**Exercise directions:**
The required output is the exact run of lines below that opens at the line with "#201=DIRECTION('',(0.,0.,1.));" and closes at the line with "#263=ORIENTED_EDGE('',*,*,#262,.T.);".

**Working data:**
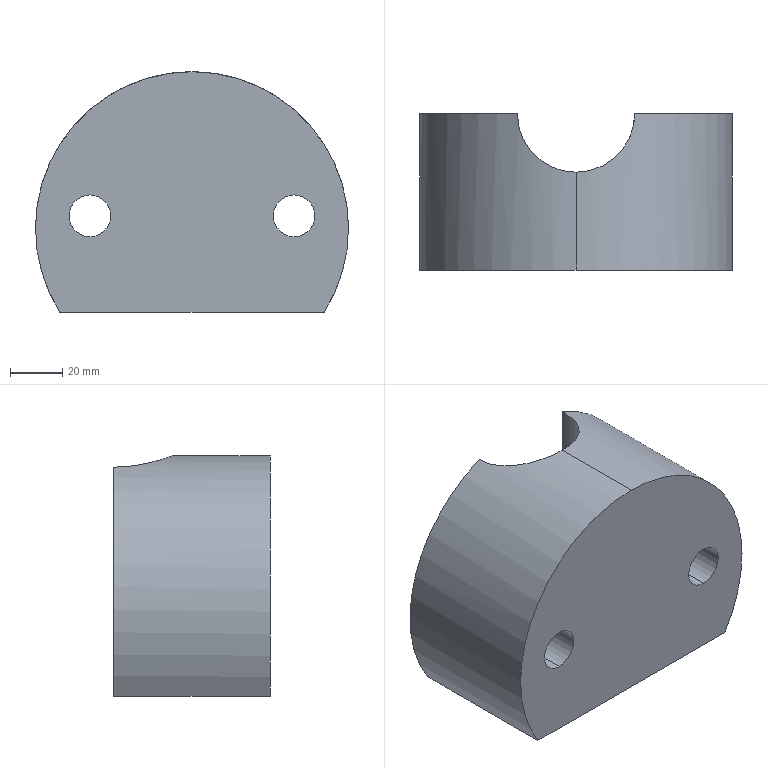Component | SolidWorks | PressureBlock-1 | 1 solid | 12 faces | box 120 x 60 x 92.21 mm | volume 462926 mm3 | cylinder 8 | plane 4 | commonest cylinder face diameters 16 x4 45 x2 120 x2
build123d program:
from build123d import *

# Parameters (mm, degrees)
BOSS_EXTRUDE1_DEPTH        = 60
M39_CLEARANCE_HOLE1_D      = 45
F_16_0_16_DIAMETER_HOLE1_D = 16


with BuildPart() as part:
    # Sketch1 → Boss-Extrude1 (new body)
    with BuildSketch(Plane.XY.offset(60)):
        with BuildLine():
            Line((-37.256, 16.825), (-37.256, -84.417))
            ThreePointArc((-37.256, -84.417), (54.954, -33.796), (-37.256, 16.825))
        make_face()
    extrude(amount=-BOSS_EXTRUDE1_DEPTH)

    # M39 Clearance Hole1 (through all)
    with Locations(Plane.ZY.offset(37.256)):
        with Locations((0, -33.796)):
            Hole(M39_CLEARANCE_HOLE1_D / 2)

    # 16.0 _16_ Diameter Hole1 (through all)
    with Locations(Plane(origin=(0, 0, 0), x_dir=(-1, 0, 0), z_dir=(0, 0, -1))):
        with Locations((0.3007, -72.931), (0.3007, 5.34)):
            Hole(F_16_0_16_DIAMETER_HOLE1_D / 2)


solid = part.part

# Placed as in the assembly
solid = solid.moved(Location((-536.128, 847.548, 422.709), (90, 0, 90)))
STEP:
#1=COLOUR_RGB('',0.7922,0.8196,0.9333);
#2=FILL_AREA_STYLE_COLOUR('',#1);
#3=FILL_AREA_STYLE('',(#2));
#4=SURFACE_STYLE_FILL_AREA(#3);
#5=SURFACE_SIDE_STYLE('',(#4));
#6=SURFACE_STYLE_USAGE(.BOTH.,#5);
#7=PRESENTATION_STYLE_ASSIGNMENT((#6));
#8=CARTESIAN_POINT('',(-18.236,31.006,16.945));
#9=VERTEX_POINT('',#8);
#10=CARTESIAN_POINT('',(-18.236,31.006,16.315));
#11=VERTEX_POINT('',#10);
#12=CARTESIAN_POINT('',(-18.236,31.006,16.63));
#13=DIRECTION('',(0.,1.,0.));
#14=DIRECTION('',(0.,0.,-1.));
#15=AXIS2_PLACEMENT_3D('',#12,#13,#14);
#16=CIRCLE('',#15,0.315);
#17=EDGE_CURVE('',#9,#11,#16,.T.);
#18=ORIENTED_EDGE('',*,*,#17,.F.);
#19=CARTESIAN_POINT('',(-18.236,33.368,16.945));
#20=VERTEX_POINT('',#19);
#21=CARTESIAN_POINT('',(-18.236,33.368,16.945));
#22=DIRECTION('',(0.,1.,0.));
#23=VECTOR('',#22,39.37);
#24=LINE('',#21,#23);
#25=EDGE_CURVE('',#9,#20,#24,.T.);
#26=ORIENTED_EDGE('',*,*,#25,.T.);
#27=CARTESIAN_POINT('',(-18.236,33.368,16.315));
#28=VERTEX_POINT('',#27);
#29=CARTESIAN_POINT('',(-18.236,33.368,16.63));
#30=DIRECTION('',(0.,1.,0.));
#31=DIRECTION('',(0.,0.,-1.));
#32=AXIS2_PLACEMENT_3D('',#29,#30,#31);
#33=CIRCLE('',#32,0.315);
#34=EDGE_CURVE('',#20,#28,#33,.T.);
#35=ORIENTED_EDGE('',*,*,#34,.T.);
#36=CARTESIAN_POINT('',(-18.236,33.368,16.315));
#37=DIRECTION('',(0.,1.,0.));
#38=VECTOR('',#37,39.37);
#39=LINE('',#36,#38);
#40=EDGE_CURVE('',#11,#28,#39,.T.);
#41=ORIENTED_EDGE('',*,*,#40,.F.);
#42=EDGE_LOOP('',(#18,#26,#35,#41));
#43=FACE_OUTER_BOUND('',#42,.T.);
#44=CARTESIAN_POINT('',(-18.236,33.368,16.63));
#45=DIRECTION('',(0.,1.,0.));
#46=DIRECTION('',(0.,0.,-1.));
#47=AXIS2_PLACEMENT_3D('',#44,#45,#46);
#48=CYLINDRICAL_SURFACE('',#47,0.315);
#49=ADVANCED_FACE('',(#43),#48,.F.);
#50=CARTESIAN_POINT('',(-21.318,31.006,16.945));
#51=VERTEX_POINT('',#50);
#52=CARTESIAN_POINT('',(-21.318,31.006,16.315));
#53=VERTEX_POINT('',#52);
#54=CARTESIAN_POINT('',(-21.318,31.006,16.63));
#55=DIRECTION('',(0.,1.,0.));
#56=DIRECTION('',(0.,0.,-1.));
#57=AXIS2_PLACEMENT_3D('',#54,#55,#56);
#58=CIRCLE('',#57,0.315);
#59=EDGE_CURVE('',#51,#53,#58,.T.);
#60=ORIENTED_EDGE('',*,*,#59,.F.);
#61=CARTESIAN_POINT('',(-21.318,33.368,16.945));
#62=VERTEX_POINT('',#61);
#63=CARTESIAN_POINT('',(-21.318,33.368,16.945));
#64=DIRECTION('',(0.,1.,0.));
#65=VECTOR('',#64,39.37);
#66=LINE('',#63,#65);
#67=EDGE_CURVE('',#51,#62,#66,.T.);
#68=ORIENTED_EDGE('',*,*,#67,.T.);
#69=CARTESIAN_POINT('',(-21.318,33.368,16.315));
#70=VERTEX_POINT('',#69);
#71=CARTESIAN_POINT('',(-21.318,33.368,16.63));
#72=DIRECTION('',(0.,1.,0.));
#73=DIRECTION('',(0.,0.,-1.));
#74=AXIS2_PLACEMENT_3D('',#71,#72,#73);
#75=CIRCLE('',#74,0.315);
#76=EDGE_CURVE('',#62,#70,#75,.T.);
#77=ORIENTED_EDGE('',*,*,#76,.T.);
#78=CARTESIAN_POINT('',(-21.318,33.368,16.315));
#79=DIRECTION('',(0.,1.,0.));
#80=VECTOR('',#79,39.37);
#81=LINE('',#78,#80);
#82=EDGE_CURVE('',#53,#70,#81,.T.);
#83=ORIENTED_EDGE('',*,*,#82,.F.);
#84=EDGE_LOOP('',(#60,#68,#77,#83));
#85=FACE_OUTER_BOUND('',#84,.T.);
#86=CARTESIAN_POINT('',(-21.318,33.368,16.63));
#87=DIRECTION('',(0.,1.,0.));
#88=DIRECTION('',(0.,0.,-1.));
#89=AXIS2_PLACEMENT_3D('',#86,#87,#88);
#90=CYLINDRICAL_SURFACE('',#89,0.315);
#91=ADVANCED_FACE('',(#85),#90,.F.);
#92=CARTESIAN_POINT('',(-20.663,33.368,18.633));
#93=VERTEX_POINT('',#92);
#94=CARTESIAN_POINT('',(-19.777,32.482,18.806));
#95=VERTEX_POINT('',#94);
#96=CARTESIAN_POINT('',(-20.663,33.368,18.633));
#97=CARTESIAN_POINT('',(-20.663,33.309,18.633));
#98=CARTESIAN_POINT('',(-20.657,33.251,18.636));
#99=CARTESIAN_POINT('',(-20.64,33.166,18.642));
#100=CARTESIAN_POINT('',(-20.633,33.137,18.645));
#101=CARTESIAN_POINT('',(-20.62,33.095,18.65));
#102=CARTESIAN_POINT('',(-20.615,33.082,18.652));
#103=CARTESIAN_POINT('',(-20.605,33.054,18.656));
#104=CARTESIAN_POINT('',(-20.6,33.041,18.658));
#105=CARTESIAN_POINT('',(-20.572,32.974,18.668));
#106=CARTESIAN_POINT('',(-20.545,32.923,18.678));
#107=CARTESIAN_POINT('',(-20.497,32.851,18.693));
#108=CARTESIAN_POINT('',(-20.479,32.828,18.699));
#109=CARTESIAN_POINT('',(-20.443,32.783,18.71));
#110=CARTESIAN_POINT('',(-20.424,32.762,18.715));
#111=CARTESIAN_POINT('',(-20.383,32.722,18.727));
#112=CARTESIAN_POINT('',(-20.362,32.702,18.732));
#113=CARTESIAN_POINT('',(-20.318,32.666,18.743));
#114=CARTESIAN_POINT('',(-20.295,32.649,18.748));
#115=CARTESIAN_POINT('',(-20.222,32.6,18.764));
#116=CARTESIAN_POINT('',(-20.172,32.573,18.773));
#117=CARTESIAN_POINT('',(-20.092,32.54,18.785));
#118=CARTESIAN_POINT('',(-20.065,32.53,18.788));
#119=CARTESIAN_POINT('',(-20.009,32.513,18.794));
#120=CARTESIAN_POINT('',(-19.98,32.505,18.797));
#121=CARTESIAN_POINT('',(-19.894,32.488,18.803));
#122=CARTESIAN_POINT('',(-19.836,32.482,18.806));
#123=CARTESIAN_POINT('',(-19.777,32.482,18.806));
#124=B_SPLINE_CURVE_WITH_KNOTS('',3,(#96,#97,#98,#99,#100,#101,#102,#103,#104,#105,#106,#107,#108,#109,#110,#111,#112,#113,#114,#115,#116,#117,#118,#119,#120,#121,#122,#123),.UNSPECIFIED.,.F.,.F.,(4,2,2,2,2,2,2,2,2,2,2,2,2,4),(-0.03548,-0.03104,-0.02883,-0.02772,-0.02661,-0.02217,-0.01996,-0.01774,-0.01552,-0.0133,-0.00887,-0.006652,-0.004435,-0.),.UNSPECIFIED.);
#125=EDGE_CURVE('',#93,#95,#124,.T.);
#126=ORIENTED_EDGE('',*,*,#125,.T.);
#127=CARTESIAN_POINT('',(-19.777,32.482,15.175));
#128=VERTEX_POINT('',#127);
#129=CARTESIAN_POINT('',(-19.777,32.482,15.175));
#130=DIRECTION('',(0.,0.,-1.));
#131=VECTOR('',#130,39.37);
#132=LINE('',#129,#131);
#133=EDGE_CURVE('',#95,#128,#132,.T.);
#134=ORIENTED_EDGE('',*,*,#133,.T.);
#135=CARTESIAN_POINT('',(-20.663,33.368,15.175));
#136=VERTEX_POINT('',#135);
#137=CARTESIAN_POINT('',(-19.777,33.368,15.175));
#138=DIRECTION('',(0.,0.,-1.));
#139=DIRECTION('',(0.,-1.,0.));
#140=AXIS2_PLACEMENT_3D('',#137,#138,#139);
#141=CIRCLE('',#140,0.8858);
#142=EDGE_CURVE('',#128,#136,#141,.T.);
#143=ORIENTED_EDGE('',*,*,#142,.T.);
#144=CARTESIAN_POINT('',(-20.663,33.368,15.175));
#145=DIRECTION('',(0.,0.,-1.));
#146=VECTOR('',#145,39.37);
#147=LINE('',#144,#146);
#148=EDGE_CURVE('',#93,#136,#147,.T.);
#149=ORIENTED_EDGE('',*,*,#148,.F.);
#150=EDGE_LOOP('',(#126,#134,#143,#149));
#151=FACE_OUTER_BOUND('',#150,.T.);
#152=CARTESIAN_POINT('',(-19.777,33.368,15.175));
#153=DIRECTION('',(0.,0.,-1.));
#154=DIRECTION('',(0.,-1.,0.));
#155=AXIS2_PLACEMENT_3D('',#152,#153,#154);
#156=CYLINDRICAL_SURFACE('',#155,0.8858);
#157=ADVANCED_FACE('',(#151),#156,.F.);
#158=CARTESIAN_POINT('',(-18.891,33.368,18.633));
#159=VERTEX_POINT('',#158);
#160=CARTESIAN_POINT('',(-19.777,32.482,18.806));
#161=CARTESIAN_POINT('',(-19.718,32.482,18.806));
#162=CARTESIAN_POINT('',(-19.66,32.488,18.803));
#163=CARTESIAN_POINT('',(-19.574,32.505,18.797));
#164=CARTESIAN_POINT('',(-19.546,32.512,18.795));
#165=CARTESIAN_POINT('',(-19.504,32.525,18.79));
#166=CARTESIAN_POINT('',(-19.49,32.53,18.788));
#167=CARTESIAN_POINT('',(-19.463,32.54,18.785));
#168=CARTESIAN_POINT('',(-19.449,32.545,18.783));
#169=CARTESIAN_POINT('',(-19.382,32.573,18.773));
#170=CARTESIAN_POINT('',(-19.332,32.6,18.764));
#171=CARTESIAN_POINT('',(-19.26,32.648,18.748));
#172=CARTESIAN_POINT('',(-19.236,32.666,18.743));
#173=CARTESIAN_POINT('',(-19.192,32.702,18.732));
#174=CARTESIAN_POINT('',(-19.171,32.721,18.727));
#175=CARTESIAN_POINT('',(-19.11,32.782,18.71));
#176=CARTESIAN_POINT('',(-19.073,32.826,18.699));
#177=CARTESIAN_POINT('',(-19.009,32.923,18.678));
#178=CARTESIAN_POINT('',(-18.982,32.973,18.668));
#179=CARTESIAN_POINT('',(-18.948,33.053,18.656));
#180=CARTESIAN_POINT('',(-18.939,33.08,18.652));
#181=CARTESIAN_POINT('',(-18.921,33.136,18.645));
#182=CARTESIAN_POINT('',(-18.914,33.165,18.643));
#183=CARTESIAN_POINT('',(-18.897,33.251,18.636));
#184=CARTESIAN_POINT('',(-18.891,33.309,18.633));
#185=CARTESIAN_POINT('',(-18.891,33.368,18.633));
#186=B_SPLINE_CURVE_WITH_KNOTS('',3,(#160,#161,#162,#163,#164,#165,#166,#167,#168,#169,#170,#171,#172,#173,#174,#175,#176,#177,#178,#179,#180,#181,#182,#183,#184,#185),.UNSPECIFIED.,.F.,.F.,(4,2,2,2,2,2,2,2,2,2,2,2,4),(-0.,0.004435,0.006652,0.007761,0.00887,0.0133,0.01552,0.01774,0.02217,0.02661,0.02883,0.03104,0.03548),.UNSPECIFIED.);
#187=EDGE_CURVE('',#95,#159,#186,.T.);
#188=ORIENTED_EDGE('',*,*,#187,.F.);
#189=CARTESIAN_POINT('',(-19.777,31.006,18.806));
#190=VERTEX_POINT('',#189);
#191=CARTESIAN_POINT('',(-19.777,33.368,18.806));
#192=DIRECTION('',(0.,-1.,0.));
#193=VECTOR('',#192,39.37);
#194=LINE('',#191,#193);
#195=EDGE_CURVE('',#95,#190,#194,.T.);
#196=ORIENTED_EDGE('',*,*,#195,.T.);
#197=CARTESIAN_POINT('',(-17.784,31.006,15.175));
#198=VERTEX_POINT('',#197);
#199=CARTESIAN_POINT('',(-19.777,31.006,16.443));
#200=DIRECTION('',(0.,-1.,0.));
#201=DIRECTION('',(0.,0.,1.));
#202=AXIS2_PLACEMENT_3D('',#199,#200,#201);
#203=CIRCLE('',#202,2.362);
#204=EDGE_CURVE('',#198,#190,#203,.T.);
#205=ORIENTED_EDGE('',*,*,#204,.F.);
#206=CARTESIAN_POINT('',(-17.784,33.368,15.175));
#207=VERTEX_POINT('',#206);
#208=CARTESIAN_POINT('',(-17.784,33.368,15.175));
#209=DIRECTION('',(0.,-1.,0.));
#210=VECTOR('',#209,39.37);
#211=LINE('',#208,#210);
#212=EDGE_CURVE('',#207,#198,#211,.T.);
#213=ORIENTED_EDGE('',*,*,#212,.F.);
#214=CARTESIAN_POINT('',(-19.777,33.368,16.443));
#215=DIRECTION('',(0.,-1.,0.));
#216=DIRECTION('',(0.,0.,1.));
#217=AXIS2_PLACEMENT_3D('',#214,#215,#216);
#218=CIRCLE('',#217,2.362);
#219=EDGE_CURVE('',#207,#159,#218,.T.);
#220=ORIENTED_EDGE('',*,*,#219,.T.);
#221=EDGE_LOOP('',(#188,#196,#205,#213,#220));
#222=FACE_OUTER_BOUND('',#221,.T.);
#223=CARTESIAN_POINT('',(-19.777,33.368,16.443));
#224=DIRECTION('',(0.,-1.,0.));
#225=DIRECTION('',(0.,0.,1.));
#226=AXIS2_PLACEMENT_3D('',#223,#224,#225);
#227=CYLINDRICAL_SURFACE('',#226,2.362);
#228=ADVANCED_FACE('',(#222),#227,.T.);
#229=ORIENTED_EDGE('',*,*,#204,.T.);
#230=CARTESIAN_POINT('',(-21.77,31.006,15.175));
#231=VERTEX_POINT('',#230);
#232=CARTESIAN_POINT('',(-19.777,31.006,16.443));
#233=DIRECTION('',(0.,-1.,0.));
#234=DIRECTION('',(0.,0.,1.));
#235=AXIS2_PLACEMENT_3D('',#232,#233,#234);
#236=CIRCLE('',#235,2.362);
#237=EDGE_CURVE('',#190,#231,#236,.T.);
#238=ORIENTED_EDGE('',*,*,#237,.T.);
#239=CARTESIAN_POINT('',(-21.77,31.006,15.175));
#240=DIRECTION('',(1.,0.,-0.));
#241=VECTOR('',#240,39.37);
#242=LINE('',#239,#241);
#243=EDGE_CURVE('',#231,#198,#242,.T.);
#244=ORIENTED_EDGE('',*,*,#243,.T.);
#245=EDGE_LOOP('',(#229,#238,#244));
#246=FACE_OUTER_BOUND('',#245,.T.);
#247=CARTESIAN_POINT('',(-21.318,31.006,16.63));
#248=DIRECTION('',(0.,1.,0.));
#249=DIRECTION('',(0.,0.,-1.));
#250=AXIS2_PLACEMENT_3D('',#247,#248,#249);
#251=CIRCLE('',#250,0.315);
#252=EDGE_CURVE('',#53,#51,#251,.T.);
#253=ORIENTED_EDGE('',*,*,#252,.T.);
#254=ORIENTED_EDGE('',*,*,#59,.T.);
#255=EDGE_LOOP('',(#253,#254));
#256=FACE_BOUND('',#255,.T.);
#257=CARTESIAN_POINT('',(-18.236,31.006,16.63));
#258=DIRECTION('',(0.,1.,0.));
#259=DIRECTION('',(0.,0.,-1.));
#260=AXIS2_PLACEMENT_3D('',#257,#258,#259);
#261=CIRCLE('',#260,0.315);
#262=EDGE_CURVE('',#11,#9,#261,.T.);
#263=ORIENTED_EDGE('',*,*,#262,.T.);
#264=ORIENTED_EDGE('',*,*,#17,.T.);
#265=EDGE_LOOP('',(#263,#264));
#266=FACE_BOUND('',#265,.T.);
#267=CARTESIAN_POINT('',(-19.777,31.006,16.443));
#268=DIRECTION('',(0.,-1.,0.));
#269=DIRECTION('',(0.,0.,1.));
#270=AXIS2_PLACEMENT_3D('',#267,#268,#269);
#271=PLANE('',#270);
#272=ADVANCED_FACE('',(#246,#256,#266),#271,.T.);
#273=CARTESIAN_POINT('',(-21.77,33.368,15.175));
#274=VERTEX_POINT('',#273);
#275=CARTESIAN_POINT('',(-19.777,33.368,16.443));
#276=DIRECTION('',(0.,-1.,0.));
#277=DIRECTION('',(0.,0.,1.));
#278=AXIS2_PLACEMENT_3D('',#275,#276,#277);
#279=CIRCLE('',#278,2.362);
#280=EDGE_CURVE('',#93,#274,#279,.T.);
#281=ORIENTED_EDGE('',*,*,#280,.F.);
#282=ORIENTED_EDGE('',*,*,#148,.T.);
#283=CARTESIAN_POINT('',(-21.77,33.368,15.175));
#284=DIRECTION('',(1.,0.,-0.));
#285=VECTOR('',#284,39.37);
#286=LINE('',#283,#285);
#287=EDGE_CURVE('',#274,#136,#286,.T.);
#288=ORIENTED_EDGE('',*,*,#287,.F.);
#289=EDGE_LOOP('',(#281,#282,#288));
#290=FACE_OUTER_BOUND('',#289,.T.);
#291=CARTESIAN_POINT('',(-21.318,33.368,16.63));
#292=DIRECTION('',(0.,1.,0.));
#293=DIRECTION('',(0.,0.,-1.));
#294=AXIS2_PLACEMENT_3D('',#291,#292,#293);
#295=CIRCLE('',#294,0.315);
#296=EDGE_CURVE('',#70,#62,#295,.T.);
#297=ORIENTED_EDGE('',*,*,#296,.F.);
#298=ORIENTED_EDGE('',*,*,#76,.F.);
#299=EDGE_LOOP('',(#297,#298));
#300=FACE_BOUND('',#299,.T.);
#301=CARTESIAN_POINT('',(-19.777,33.368,16.443));
#302=DIRECTION('',(0.,-1.,0.));
#303=DIRECTION('',(0.,0.,1.));
#304=AXIS2_PLACEMENT_3D('',#301,#302,#303);
#305=PLANE('',#304);
#306=ADVANCED_FACE('',(#290,#300),#305,.F.);
#307=ORIENTED_EDGE('',*,*,#195,.F.);
#308=ORIENTED_EDGE('',*,*,#125,.F.);
#309=ORIENTED_EDGE('',*,*,#280,.T.);
#310=CARTESIAN_POINT('',(-21.77,33.368,15.175));
#311=DIRECTION('',(0.,-1.,0.));
#312=VECTOR('',#311,39.37);
#313=LINE('',#310,#312);
#314=EDGE_CURVE('',#274,#231,#313,.T.);
#315=ORIENTED_EDGE('',*,*,#314,.T.);
#316=ORIENTED_EDGE('',*,*,#237,.F.);
#317=EDGE_LOOP('',(#307,#308,#309,#315,#316));
#318=FACE_OUTER_BOUND('',#317,.T.);
#319=CARTESIAN_POINT('',(-19.777,33.368,16.443));
#320=DIRECTION('',(0.,-1.,0.));
#321=DIRECTION('',(0.,0.,1.));
#322=AXIS2_PLACEMENT_3D('',#319,#320,#321);
#323=CYLINDRICAL_SURFACE('',#322,2.362);
#324=ADVANCED_FACE('',(#318),#323,.T.);
#325=CARTESIAN_POINT('',(-18.891,33.368,15.175));
#326=VERTEX_POINT('',#325);
#327=CARTESIAN_POINT('',(-19.777,33.368,15.175));
#328=DIRECTION('',(0.,0.,-1.));
#329=DIRECTION('',(0.,-1.,0.));
#330=AXIS2_PLACEMENT_3D('',#327,#328,#329);
#331=CIRCLE('',#330,0.8858);
#332=EDGE_CURVE('',#326,#128,#331,.T.);
#333=ORIENTED_EDGE('',*,*,#332,.F.);
#334=CARTESIAN_POINT('',(-21.77,33.368,15.175));
#335=DIRECTION('',(1.,0.,-0.));
#336=VECTOR('',#335,39.37);
#337=LINE('',#334,#336);
#338=EDGE_CURVE('',#326,#207,#337,.T.);
#339=ORIENTED_EDGE('',*,*,#338,.T.);
#340=ORIENTED_EDGE('',*,*,#212,.T.);
#341=ORIENTED_EDGE('',*,*,#243,.F.);
#342=ORIENTED_EDGE('',*,*,#314,.F.);
#343=ORIENTED_EDGE('',*,*,#287,.T.);
#344=ORIENTED_EDGE('',*,*,#142,.F.);
#345=EDGE_LOOP('',(#333,#339,#340,#341,#342,#343,#344));
#346=FACE_OUTER_BOUND('',#345,.T.);
#347=CARTESIAN_POINT('',(-21.77,33.368,15.175));
#348=DIRECTION('',(-0.,0.,-1.));
#349=DIRECTION('',(1.,0.,-0.));
#350=AXIS2_PLACEMENT_3D('',#347,#348,#349);
#351=PLANE('',#350);
#352=ADVANCED_FACE('',(#346),#351,.T.);
#353=CARTESIAN_POINT('',(-18.236,33.368,16.63));
#354=DIRECTION('',(0.,1.,0.));
#355=DIRECTION('',(0.,0.,-1.));
#356=AXIS2_PLACEMENT_3D('',#353,#354,#355);
#357=CIRCLE('',#356,0.315);
#358=EDGE_CURVE('',#28,#20,#357,.T.);
#359=ORIENTED_EDGE('',*,*,#358,.F.);
#360=ORIENTED_EDGE('',*,*,#34,.F.);
#361=EDGE_LOOP('',(#359,#360));
#362=FACE_BOUND('',#361,.T.);
#363=ORIENTED_EDGE('',*,*,#338,.F.);
#364=CARTESIAN_POINT('',(-18.891,33.368,15.175));
#365=DIRECTION('',(0.,0.,1.));
#366=VECTOR('',#365,39.37);
#367=LINE('',#364,#366);
#368=EDGE_CURVE('',#326,#159,#367,.T.);
#369=ORIENTED_EDGE('',*,*,#368,.T.);
#370=ORIENTED_EDGE('',*,*,#219,.F.);
#371=EDGE_LOOP('',(#363,#369,#370));
#372=FACE_OUTER_BOUND('',#371,.T.);
#373=CARTESIAN_POINT('',(-19.777,33.368,16.443));
#374=DIRECTION('',(0.,-1.,0.));
#375=DIRECTION('',(0.,0.,1.));
#376=AXIS2_PLACEMENT_3D('',#373,#374,#375);
#377=PLANE('',#376);
#378=ADVANCED_FACE('',(#362,#372),#377,.F.);
#379=ORIENTED_EDGE('',*,*,#133,.F.);
#380=ORIENTED_EDGE('',*,*,#187,.T.);
#381=ORIENTED_EDGE('',*,*,#368,.F.);
#382=ORIENTED_EDGE('',*,*,#332,.T.);
#383=EDGE_LOOP('',(#379,#380,#381,#382));
#384=FACE_OUTER_BOUND('',#383,.T.);
#385=CARTESIAN_POINT('',(-19.777,33.368,15.175));
#386=DIRECTION('',(0.,0.,-1.));
#387=DIRECTION('',(0.,-1.,0.));
#388=AXIS2_PLACEMENT_3D('',#385,#386,#387);
#389=CYLINDRICAL_SURFACE('',#388,0.8858);
#390=ADVANCED_FACE('',(#384),#389,.F.);
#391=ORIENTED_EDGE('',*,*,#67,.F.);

**Final answer:**
#201=DIRECTION('',(0.,0.,1.));
#202=AXIS2_PLACEMENT_3D('',#199,#200,#201);
#203=CIRCLE('',#202,2.362);
#204=EDGE_CURVE('',#198,#190,#203,.T.);
#205=ORIENTED_EDGE('',*,*,#204,.F.);
#206=CARTESIAN_POINT('',(-17.784,33.368,15.175));
#207=VERTEX_POINT('',#206);
#208=CARTESIAN_POINT('',(-17.784,33.368,15.175));
#209=DIRECTION('',(0.,-1.,0.));
#210=VECTOR('',#209,39.37);
#211=LINE('',#208,#210);
#212=EDGE_CURVE('',#207,#198,#211,.T.);
#213=ORIENTED_EDGE('',*,*,#212,.F.);
#214=CARTESIAN_POINT('',(-19.777,33.368,16.443));
#215=DIRECTION('',(0.,-1.,0.));
#216=DIRECTION('',(0.,0.,1.));
#217=AXIS2_PLACEMENT_3D('',#214,#215,#216);
#218=CIRCLE('',#217,2.362);
#219=EDGE_CURVE('',#207,#159,#218,.T.);
#220=ORIENTED_EDGE('',*,*,#219,.T.);
#221=EDGE_LOOP('',(#188,#196,#205,#213,#220));
#222=FACE_OUTER_BOUND('',#221,.T.);
#223=CARTESIAN_POINT('',(-19.777,33.368,16.443));
#224=DIRECTION('',(0.,-1.,0.));
#225=DIRECTION('',(0.,0.,1.));
#226=AXIS2_PLACEMENT_3D('',#223,#224,#225);
#227=CYLINDRICAL_SURFACE('',#226,2.362);
#228=ADVANCED_FACE('',(#222),#227,.T.);
#229=ORIENTED_EDGE('',*,*,#204,.T.);
#230=CARTESIAN_POINT('',(-21.77,31.006,15.175));
#231=VERTEX_POINT('',#230);
#232=CARTESIAN_POINT('',(-19.777,31.006,16.443));
#233=DIRECTION('',(0.,-1.,0.));
#234=DIRECTION('',(0.,0.,1.));
#235=AXIS2_PLACEMENT_3D('',#232,#233,#234);
#236=CIRCLE('',#235,2.362);
#237=EDGE_CURVE('',#190,#231,#236,.T.);
#238=ORIENTED_EDGE('',*,*,#237,.T.);
#239=CARTESIAN_POINT('',(-21.77,31.006,15.175));
#240=DIRECTION('',(1.,0.,-0.));
#241=VECTOR('',#240,39.37);
#242=LINE('',#239,#241);
#243=EDGE_CURVE('',#231,#198,#242,.T.);
#244=ORIENTED_EDGE('',*,*,#243,.T.);
#245=EDGE_LOOP('',(#229,#238,#244));
#246=FACE_OUTER_BOUND('',#245,.T.);
#247=CARTESIAN_POINT('',(-21.318,31.006,16.63));
#248=DIRECTION('',(0.,1.,0.));
#249=DIRECTION('',(0.,0.,-1.));
#250=AXIS2_PLACEMENT_3D('',#247,#248,#249);
#251=CIRCLE('',#250,0.315);
#252=EDGE_CURVE('',#53,#51,#251,.T.);
#253=ORIENTED_EDGE('',*,*,#252,.T.);
#254=ORIENTED_EDGE('',*,*,#59,.T.);
#255=EDGE_LOOP('',(#253,#254));
#256=FACE_BOUND('',#255,.T.);
#257=CARTESIAN_POINT('',(-18.236,31.006,16.63));
#258=DIRECTION('',(0.,1.,0.));
#259=DIRECTION('',(0.,0.,-1.));
#260=AXIS2_PLACEMENT_3D('',#257,#258,#259);
#261=CIRCLE('',#260,0.315);
#262=EDGE_CURVE('',#11,#9,#261,.T.);
#263=ORIENTED_EDGE('',*,*,#262,.T.);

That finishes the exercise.